● What is being asked: Gather each line containing the string "units" from these entries.

● Record excerpts:
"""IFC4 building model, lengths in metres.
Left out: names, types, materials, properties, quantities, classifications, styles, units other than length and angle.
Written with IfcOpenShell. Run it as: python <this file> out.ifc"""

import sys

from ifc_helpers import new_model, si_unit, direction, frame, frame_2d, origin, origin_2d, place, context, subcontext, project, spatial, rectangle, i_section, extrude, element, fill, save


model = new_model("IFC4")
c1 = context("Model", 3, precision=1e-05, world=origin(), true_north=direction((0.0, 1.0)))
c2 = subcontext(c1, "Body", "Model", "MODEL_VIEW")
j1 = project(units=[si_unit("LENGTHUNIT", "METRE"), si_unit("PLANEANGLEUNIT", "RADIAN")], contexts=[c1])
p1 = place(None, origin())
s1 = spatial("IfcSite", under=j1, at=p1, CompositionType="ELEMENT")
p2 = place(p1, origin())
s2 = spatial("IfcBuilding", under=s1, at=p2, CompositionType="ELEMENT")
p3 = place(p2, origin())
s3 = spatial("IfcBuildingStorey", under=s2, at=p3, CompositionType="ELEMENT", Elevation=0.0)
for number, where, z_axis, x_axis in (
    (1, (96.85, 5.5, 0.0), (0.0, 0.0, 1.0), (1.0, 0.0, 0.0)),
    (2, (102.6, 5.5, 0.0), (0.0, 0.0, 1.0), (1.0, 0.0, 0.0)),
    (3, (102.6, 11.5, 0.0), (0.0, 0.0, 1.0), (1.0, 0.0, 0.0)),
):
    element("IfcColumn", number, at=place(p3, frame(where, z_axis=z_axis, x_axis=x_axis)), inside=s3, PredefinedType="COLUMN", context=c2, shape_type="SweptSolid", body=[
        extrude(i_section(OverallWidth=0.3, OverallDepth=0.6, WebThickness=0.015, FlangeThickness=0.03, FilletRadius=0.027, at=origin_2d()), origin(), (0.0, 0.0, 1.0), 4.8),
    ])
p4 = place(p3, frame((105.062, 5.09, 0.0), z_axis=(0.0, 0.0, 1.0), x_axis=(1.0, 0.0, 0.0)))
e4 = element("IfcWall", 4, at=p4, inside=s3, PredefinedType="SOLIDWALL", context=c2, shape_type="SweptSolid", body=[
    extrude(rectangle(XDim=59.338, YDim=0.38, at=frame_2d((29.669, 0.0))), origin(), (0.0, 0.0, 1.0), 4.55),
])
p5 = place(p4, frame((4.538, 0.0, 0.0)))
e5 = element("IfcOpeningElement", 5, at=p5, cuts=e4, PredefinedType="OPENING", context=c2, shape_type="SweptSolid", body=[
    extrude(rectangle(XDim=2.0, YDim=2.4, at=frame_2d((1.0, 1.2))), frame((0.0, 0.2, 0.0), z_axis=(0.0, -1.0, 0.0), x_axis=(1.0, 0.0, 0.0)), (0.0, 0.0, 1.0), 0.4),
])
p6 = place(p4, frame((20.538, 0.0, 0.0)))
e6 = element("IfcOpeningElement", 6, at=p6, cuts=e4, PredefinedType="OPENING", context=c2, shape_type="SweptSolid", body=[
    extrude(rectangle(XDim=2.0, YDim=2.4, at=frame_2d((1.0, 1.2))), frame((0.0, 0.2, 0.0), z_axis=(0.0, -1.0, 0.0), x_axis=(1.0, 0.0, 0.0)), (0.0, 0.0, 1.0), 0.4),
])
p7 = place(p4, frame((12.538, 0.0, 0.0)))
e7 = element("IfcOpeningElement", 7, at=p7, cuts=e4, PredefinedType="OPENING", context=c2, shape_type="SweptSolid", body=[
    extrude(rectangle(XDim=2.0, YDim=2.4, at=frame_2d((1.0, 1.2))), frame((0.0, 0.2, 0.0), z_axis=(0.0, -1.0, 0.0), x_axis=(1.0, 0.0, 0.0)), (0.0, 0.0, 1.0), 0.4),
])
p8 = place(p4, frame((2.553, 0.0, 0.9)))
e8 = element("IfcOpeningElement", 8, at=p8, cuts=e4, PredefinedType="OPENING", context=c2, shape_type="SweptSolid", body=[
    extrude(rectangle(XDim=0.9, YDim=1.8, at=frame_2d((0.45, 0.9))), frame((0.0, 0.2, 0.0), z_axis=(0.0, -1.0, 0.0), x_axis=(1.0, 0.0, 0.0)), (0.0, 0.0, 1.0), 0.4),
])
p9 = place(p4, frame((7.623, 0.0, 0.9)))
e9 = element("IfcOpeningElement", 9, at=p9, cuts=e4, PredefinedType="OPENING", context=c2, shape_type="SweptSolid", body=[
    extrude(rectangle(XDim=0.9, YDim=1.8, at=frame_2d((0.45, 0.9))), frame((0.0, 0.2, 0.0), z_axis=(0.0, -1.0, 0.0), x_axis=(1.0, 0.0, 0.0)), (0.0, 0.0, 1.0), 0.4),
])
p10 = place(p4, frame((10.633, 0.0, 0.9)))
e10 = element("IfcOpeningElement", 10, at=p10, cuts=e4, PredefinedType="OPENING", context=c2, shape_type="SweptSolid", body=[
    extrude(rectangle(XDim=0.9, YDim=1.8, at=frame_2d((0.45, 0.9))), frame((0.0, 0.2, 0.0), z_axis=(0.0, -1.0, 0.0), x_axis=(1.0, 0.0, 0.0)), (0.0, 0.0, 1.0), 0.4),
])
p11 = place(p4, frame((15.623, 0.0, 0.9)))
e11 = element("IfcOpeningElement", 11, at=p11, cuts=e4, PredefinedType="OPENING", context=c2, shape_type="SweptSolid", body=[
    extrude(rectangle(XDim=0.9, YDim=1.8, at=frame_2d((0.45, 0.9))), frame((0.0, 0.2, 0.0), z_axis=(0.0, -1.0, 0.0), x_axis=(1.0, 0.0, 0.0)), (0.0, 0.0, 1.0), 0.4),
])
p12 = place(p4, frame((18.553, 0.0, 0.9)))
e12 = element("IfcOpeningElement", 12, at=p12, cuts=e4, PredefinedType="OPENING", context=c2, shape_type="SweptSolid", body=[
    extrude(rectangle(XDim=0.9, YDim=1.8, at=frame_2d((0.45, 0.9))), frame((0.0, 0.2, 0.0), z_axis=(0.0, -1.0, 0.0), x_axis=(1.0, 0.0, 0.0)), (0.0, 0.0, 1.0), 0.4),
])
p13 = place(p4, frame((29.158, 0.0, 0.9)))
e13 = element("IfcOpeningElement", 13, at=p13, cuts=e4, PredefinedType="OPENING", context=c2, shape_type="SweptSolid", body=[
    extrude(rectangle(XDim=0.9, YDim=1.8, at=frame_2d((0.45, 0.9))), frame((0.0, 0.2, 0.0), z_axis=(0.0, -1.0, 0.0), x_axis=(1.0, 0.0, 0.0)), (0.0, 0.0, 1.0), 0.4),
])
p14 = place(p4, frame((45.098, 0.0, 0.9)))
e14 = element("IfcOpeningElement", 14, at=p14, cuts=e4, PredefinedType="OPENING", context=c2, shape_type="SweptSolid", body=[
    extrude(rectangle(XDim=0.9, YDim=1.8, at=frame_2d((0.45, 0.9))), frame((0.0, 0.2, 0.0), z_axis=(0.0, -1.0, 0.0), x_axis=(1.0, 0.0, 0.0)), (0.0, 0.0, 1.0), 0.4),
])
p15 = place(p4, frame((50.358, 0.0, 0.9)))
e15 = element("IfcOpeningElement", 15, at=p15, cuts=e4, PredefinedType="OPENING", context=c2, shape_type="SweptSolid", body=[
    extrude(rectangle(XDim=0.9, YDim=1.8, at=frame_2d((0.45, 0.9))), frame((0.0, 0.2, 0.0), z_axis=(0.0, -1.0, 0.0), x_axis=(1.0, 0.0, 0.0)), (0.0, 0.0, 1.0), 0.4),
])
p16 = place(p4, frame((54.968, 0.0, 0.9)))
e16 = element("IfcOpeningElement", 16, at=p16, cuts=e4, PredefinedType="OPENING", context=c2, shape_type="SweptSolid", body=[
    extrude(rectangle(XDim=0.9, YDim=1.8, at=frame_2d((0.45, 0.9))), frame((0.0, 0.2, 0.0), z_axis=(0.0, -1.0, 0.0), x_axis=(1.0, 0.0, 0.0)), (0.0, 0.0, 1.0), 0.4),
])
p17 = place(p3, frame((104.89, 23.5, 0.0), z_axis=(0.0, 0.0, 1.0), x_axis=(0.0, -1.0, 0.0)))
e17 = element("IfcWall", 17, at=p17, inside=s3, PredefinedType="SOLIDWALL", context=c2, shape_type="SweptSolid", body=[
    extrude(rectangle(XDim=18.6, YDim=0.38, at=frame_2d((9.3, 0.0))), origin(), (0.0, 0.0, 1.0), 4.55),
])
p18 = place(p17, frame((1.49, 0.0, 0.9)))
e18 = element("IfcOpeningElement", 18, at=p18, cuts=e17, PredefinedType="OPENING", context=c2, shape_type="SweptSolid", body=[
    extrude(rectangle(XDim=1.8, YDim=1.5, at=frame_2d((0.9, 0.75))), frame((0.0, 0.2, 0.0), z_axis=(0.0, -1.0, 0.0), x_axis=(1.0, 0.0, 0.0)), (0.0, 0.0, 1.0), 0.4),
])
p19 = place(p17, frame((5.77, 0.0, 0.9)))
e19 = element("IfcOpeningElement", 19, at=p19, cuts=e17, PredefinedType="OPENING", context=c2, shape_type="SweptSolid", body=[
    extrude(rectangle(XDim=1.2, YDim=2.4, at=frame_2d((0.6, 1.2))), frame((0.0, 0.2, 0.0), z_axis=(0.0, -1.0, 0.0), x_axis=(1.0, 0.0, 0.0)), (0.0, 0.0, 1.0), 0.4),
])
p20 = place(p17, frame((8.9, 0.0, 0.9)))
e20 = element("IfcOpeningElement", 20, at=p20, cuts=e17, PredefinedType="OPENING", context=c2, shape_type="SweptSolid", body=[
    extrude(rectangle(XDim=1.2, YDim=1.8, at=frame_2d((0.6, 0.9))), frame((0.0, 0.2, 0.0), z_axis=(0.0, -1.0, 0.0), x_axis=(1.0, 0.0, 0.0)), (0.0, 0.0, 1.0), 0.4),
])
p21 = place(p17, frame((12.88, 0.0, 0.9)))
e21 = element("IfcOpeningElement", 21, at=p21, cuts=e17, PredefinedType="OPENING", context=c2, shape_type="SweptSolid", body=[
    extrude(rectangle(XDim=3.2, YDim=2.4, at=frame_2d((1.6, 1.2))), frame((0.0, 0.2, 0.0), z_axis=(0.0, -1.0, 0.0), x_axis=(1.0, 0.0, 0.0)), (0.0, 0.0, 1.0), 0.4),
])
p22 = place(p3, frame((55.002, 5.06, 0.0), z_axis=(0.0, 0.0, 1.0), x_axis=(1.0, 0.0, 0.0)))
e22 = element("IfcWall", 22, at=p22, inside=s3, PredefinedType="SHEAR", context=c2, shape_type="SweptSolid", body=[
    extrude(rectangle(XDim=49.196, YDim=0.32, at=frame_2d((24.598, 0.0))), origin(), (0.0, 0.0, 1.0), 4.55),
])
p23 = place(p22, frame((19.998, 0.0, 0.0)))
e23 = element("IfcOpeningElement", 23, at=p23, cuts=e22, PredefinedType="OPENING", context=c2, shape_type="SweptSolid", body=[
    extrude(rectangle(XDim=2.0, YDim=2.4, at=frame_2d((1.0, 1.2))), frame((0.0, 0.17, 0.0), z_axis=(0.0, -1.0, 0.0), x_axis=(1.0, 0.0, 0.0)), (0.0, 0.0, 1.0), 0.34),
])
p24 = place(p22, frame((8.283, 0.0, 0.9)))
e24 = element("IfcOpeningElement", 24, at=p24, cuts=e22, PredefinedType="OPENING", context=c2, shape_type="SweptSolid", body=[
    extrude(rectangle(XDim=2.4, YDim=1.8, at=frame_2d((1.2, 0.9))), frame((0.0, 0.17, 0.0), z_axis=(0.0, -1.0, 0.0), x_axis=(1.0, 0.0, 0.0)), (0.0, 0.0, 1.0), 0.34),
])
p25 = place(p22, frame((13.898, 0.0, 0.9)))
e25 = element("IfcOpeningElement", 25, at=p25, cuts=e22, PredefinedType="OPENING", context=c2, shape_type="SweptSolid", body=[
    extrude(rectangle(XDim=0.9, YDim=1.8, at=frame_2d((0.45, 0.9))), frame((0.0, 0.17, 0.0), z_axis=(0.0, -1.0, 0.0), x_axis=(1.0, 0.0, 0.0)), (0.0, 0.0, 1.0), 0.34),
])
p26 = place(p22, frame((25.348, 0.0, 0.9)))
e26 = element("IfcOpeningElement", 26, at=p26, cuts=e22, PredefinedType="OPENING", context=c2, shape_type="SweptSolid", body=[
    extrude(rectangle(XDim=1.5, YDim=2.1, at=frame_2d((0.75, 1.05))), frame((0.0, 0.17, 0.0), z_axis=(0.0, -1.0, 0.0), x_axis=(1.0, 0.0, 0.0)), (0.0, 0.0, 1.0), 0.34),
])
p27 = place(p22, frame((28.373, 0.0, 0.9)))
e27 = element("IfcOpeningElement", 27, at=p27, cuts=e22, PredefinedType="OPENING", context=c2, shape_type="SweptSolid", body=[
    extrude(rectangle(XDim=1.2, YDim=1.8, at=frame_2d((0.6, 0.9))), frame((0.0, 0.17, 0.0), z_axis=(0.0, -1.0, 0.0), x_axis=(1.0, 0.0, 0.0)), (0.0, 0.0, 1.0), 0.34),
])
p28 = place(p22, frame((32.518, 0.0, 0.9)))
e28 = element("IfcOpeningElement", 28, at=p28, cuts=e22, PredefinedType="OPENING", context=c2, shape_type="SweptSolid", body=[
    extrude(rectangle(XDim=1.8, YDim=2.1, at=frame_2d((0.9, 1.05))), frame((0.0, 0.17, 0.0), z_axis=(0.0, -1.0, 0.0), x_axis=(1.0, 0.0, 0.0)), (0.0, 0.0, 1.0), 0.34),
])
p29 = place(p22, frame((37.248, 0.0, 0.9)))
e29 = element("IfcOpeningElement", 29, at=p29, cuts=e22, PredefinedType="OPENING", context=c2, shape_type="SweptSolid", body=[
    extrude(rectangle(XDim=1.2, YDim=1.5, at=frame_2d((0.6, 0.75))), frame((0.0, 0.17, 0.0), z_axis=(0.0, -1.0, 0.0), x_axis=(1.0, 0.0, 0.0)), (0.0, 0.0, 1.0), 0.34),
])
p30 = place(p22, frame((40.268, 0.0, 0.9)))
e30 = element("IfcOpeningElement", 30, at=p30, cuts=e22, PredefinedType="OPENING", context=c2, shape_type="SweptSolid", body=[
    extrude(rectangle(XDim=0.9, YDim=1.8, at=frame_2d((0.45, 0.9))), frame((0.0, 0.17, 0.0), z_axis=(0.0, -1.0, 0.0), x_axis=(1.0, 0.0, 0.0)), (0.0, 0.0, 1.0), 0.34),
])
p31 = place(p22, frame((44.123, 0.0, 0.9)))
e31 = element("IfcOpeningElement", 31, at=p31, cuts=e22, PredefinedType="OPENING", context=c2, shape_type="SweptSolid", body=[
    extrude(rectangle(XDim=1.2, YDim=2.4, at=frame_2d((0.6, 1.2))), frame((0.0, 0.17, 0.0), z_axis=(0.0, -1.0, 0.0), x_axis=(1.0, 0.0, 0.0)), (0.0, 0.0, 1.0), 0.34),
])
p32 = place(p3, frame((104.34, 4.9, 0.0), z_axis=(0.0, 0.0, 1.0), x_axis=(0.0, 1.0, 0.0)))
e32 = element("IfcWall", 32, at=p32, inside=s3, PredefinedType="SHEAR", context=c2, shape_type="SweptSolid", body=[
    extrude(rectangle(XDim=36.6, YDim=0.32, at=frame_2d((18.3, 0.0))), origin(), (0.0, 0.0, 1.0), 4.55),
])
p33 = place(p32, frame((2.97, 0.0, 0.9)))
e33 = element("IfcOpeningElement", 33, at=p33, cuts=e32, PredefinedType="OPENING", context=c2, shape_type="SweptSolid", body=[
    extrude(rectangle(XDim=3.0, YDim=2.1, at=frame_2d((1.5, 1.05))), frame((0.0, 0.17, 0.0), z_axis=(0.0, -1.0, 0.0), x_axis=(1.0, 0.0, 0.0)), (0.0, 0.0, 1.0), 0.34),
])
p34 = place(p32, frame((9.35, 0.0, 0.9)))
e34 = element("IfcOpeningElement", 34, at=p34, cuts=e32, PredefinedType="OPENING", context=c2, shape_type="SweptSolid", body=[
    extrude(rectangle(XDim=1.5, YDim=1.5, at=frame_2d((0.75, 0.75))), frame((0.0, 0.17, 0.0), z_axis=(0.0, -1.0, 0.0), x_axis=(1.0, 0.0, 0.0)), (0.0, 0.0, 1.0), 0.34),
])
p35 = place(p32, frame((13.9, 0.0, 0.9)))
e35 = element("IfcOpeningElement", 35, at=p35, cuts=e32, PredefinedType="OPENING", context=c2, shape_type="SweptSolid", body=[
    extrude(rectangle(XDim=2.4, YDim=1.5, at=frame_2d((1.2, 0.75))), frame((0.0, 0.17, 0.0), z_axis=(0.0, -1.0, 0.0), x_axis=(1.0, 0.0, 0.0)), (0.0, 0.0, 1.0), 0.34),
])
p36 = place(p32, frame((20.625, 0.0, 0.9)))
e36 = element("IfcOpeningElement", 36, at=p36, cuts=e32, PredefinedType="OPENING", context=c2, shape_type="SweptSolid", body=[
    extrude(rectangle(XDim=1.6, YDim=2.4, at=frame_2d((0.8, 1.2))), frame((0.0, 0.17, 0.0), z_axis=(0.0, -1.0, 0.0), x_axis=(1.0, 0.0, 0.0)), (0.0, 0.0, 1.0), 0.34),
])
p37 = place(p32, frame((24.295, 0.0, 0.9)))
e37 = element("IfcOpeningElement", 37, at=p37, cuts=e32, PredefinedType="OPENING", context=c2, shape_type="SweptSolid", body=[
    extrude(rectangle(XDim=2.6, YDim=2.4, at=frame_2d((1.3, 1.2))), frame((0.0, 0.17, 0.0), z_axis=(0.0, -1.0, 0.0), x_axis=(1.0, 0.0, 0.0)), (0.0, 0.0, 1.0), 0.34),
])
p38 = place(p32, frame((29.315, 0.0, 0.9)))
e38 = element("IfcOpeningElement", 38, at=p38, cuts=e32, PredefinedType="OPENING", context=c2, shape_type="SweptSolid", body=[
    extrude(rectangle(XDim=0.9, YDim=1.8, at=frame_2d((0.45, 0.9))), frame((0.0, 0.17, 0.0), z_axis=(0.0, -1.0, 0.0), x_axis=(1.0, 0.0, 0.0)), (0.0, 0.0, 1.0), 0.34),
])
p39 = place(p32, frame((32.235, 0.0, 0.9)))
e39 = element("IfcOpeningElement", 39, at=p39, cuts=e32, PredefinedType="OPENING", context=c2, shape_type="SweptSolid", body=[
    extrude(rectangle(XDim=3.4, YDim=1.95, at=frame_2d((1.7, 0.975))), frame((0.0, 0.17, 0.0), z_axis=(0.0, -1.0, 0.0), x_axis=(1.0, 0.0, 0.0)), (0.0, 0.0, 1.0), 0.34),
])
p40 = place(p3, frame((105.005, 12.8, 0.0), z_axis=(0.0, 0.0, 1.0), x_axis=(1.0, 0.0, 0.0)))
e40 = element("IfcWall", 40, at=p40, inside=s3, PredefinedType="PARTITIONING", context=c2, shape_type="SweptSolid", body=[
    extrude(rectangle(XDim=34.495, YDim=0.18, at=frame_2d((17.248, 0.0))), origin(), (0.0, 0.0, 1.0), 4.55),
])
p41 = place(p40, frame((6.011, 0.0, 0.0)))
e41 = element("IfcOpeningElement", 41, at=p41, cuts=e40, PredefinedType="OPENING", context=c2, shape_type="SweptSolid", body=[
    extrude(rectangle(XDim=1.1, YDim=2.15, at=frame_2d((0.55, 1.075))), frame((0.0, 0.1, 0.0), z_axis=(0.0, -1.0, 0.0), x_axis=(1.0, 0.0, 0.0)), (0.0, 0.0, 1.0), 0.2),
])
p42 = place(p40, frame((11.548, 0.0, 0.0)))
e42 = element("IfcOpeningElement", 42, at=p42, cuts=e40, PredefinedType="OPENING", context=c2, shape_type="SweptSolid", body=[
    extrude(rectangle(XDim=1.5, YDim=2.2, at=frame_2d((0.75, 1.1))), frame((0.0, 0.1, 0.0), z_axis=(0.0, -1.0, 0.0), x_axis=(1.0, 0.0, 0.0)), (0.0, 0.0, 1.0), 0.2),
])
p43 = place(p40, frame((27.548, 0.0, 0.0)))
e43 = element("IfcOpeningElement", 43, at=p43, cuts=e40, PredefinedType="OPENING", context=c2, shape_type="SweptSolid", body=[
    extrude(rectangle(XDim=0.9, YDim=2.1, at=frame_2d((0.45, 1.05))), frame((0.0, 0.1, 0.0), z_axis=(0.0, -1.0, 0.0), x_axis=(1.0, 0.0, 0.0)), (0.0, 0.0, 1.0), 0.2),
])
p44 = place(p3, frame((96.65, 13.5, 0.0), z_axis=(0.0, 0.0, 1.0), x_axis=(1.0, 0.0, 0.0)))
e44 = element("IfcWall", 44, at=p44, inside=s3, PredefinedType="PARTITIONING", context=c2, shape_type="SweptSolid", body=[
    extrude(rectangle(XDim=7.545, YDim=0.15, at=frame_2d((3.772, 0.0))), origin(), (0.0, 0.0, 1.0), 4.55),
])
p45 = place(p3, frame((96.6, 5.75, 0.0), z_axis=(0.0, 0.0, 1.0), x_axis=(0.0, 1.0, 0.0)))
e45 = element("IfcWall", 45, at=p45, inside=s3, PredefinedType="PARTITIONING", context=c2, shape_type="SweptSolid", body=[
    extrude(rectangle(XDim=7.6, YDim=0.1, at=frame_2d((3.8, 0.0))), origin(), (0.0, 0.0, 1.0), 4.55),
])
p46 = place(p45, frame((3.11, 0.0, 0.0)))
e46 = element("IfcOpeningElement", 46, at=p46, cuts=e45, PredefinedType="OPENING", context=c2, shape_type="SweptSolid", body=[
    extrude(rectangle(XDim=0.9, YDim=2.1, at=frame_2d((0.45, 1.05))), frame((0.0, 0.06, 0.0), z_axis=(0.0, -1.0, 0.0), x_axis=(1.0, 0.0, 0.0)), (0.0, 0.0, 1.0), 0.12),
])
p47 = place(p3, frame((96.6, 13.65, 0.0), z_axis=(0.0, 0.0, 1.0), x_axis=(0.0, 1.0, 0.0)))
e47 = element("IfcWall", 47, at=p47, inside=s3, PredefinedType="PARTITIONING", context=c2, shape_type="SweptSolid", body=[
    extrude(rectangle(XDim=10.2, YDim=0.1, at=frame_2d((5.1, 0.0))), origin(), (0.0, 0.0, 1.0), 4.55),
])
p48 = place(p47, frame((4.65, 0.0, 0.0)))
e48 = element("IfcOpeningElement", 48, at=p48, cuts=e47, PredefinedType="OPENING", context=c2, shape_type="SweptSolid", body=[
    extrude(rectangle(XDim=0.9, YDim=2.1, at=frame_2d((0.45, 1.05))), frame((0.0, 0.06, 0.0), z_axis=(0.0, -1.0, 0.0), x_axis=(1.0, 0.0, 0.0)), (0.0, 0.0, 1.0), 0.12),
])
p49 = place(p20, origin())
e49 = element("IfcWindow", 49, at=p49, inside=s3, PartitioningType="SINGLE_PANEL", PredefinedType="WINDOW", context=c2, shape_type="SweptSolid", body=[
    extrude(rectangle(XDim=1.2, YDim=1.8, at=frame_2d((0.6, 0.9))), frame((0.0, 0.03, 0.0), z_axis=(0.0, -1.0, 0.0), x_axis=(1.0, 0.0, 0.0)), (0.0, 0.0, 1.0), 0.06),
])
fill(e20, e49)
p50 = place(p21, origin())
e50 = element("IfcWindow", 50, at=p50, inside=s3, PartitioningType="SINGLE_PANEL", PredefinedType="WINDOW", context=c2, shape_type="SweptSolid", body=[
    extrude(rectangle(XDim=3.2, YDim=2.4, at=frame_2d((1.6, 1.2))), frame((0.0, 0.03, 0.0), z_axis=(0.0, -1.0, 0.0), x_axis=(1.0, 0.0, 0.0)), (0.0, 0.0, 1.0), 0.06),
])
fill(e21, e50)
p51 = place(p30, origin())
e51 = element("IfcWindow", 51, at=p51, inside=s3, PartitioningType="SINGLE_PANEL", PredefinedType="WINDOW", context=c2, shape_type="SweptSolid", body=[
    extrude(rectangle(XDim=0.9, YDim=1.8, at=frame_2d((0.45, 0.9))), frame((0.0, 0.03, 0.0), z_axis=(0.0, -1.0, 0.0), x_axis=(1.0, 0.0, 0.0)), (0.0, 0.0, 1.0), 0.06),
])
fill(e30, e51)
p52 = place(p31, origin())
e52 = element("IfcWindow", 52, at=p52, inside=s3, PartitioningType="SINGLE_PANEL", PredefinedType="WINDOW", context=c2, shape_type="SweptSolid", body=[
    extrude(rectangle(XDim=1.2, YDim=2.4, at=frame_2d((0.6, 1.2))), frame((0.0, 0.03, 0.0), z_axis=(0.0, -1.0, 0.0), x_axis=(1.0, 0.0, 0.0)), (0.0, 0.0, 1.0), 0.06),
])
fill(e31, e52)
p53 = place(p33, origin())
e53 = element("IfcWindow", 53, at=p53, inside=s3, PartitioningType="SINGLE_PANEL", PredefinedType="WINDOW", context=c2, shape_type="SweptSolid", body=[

● Problem solution:
Left out: names, types, materials, properties, quantities, classifications, styles, units other than length and angle.
j1 = project(units=[si_unit("LENGTHUNIT", "METRE"), si_unit("PLANEANGLEUNIT", "RADIAN")], contexts=[c1])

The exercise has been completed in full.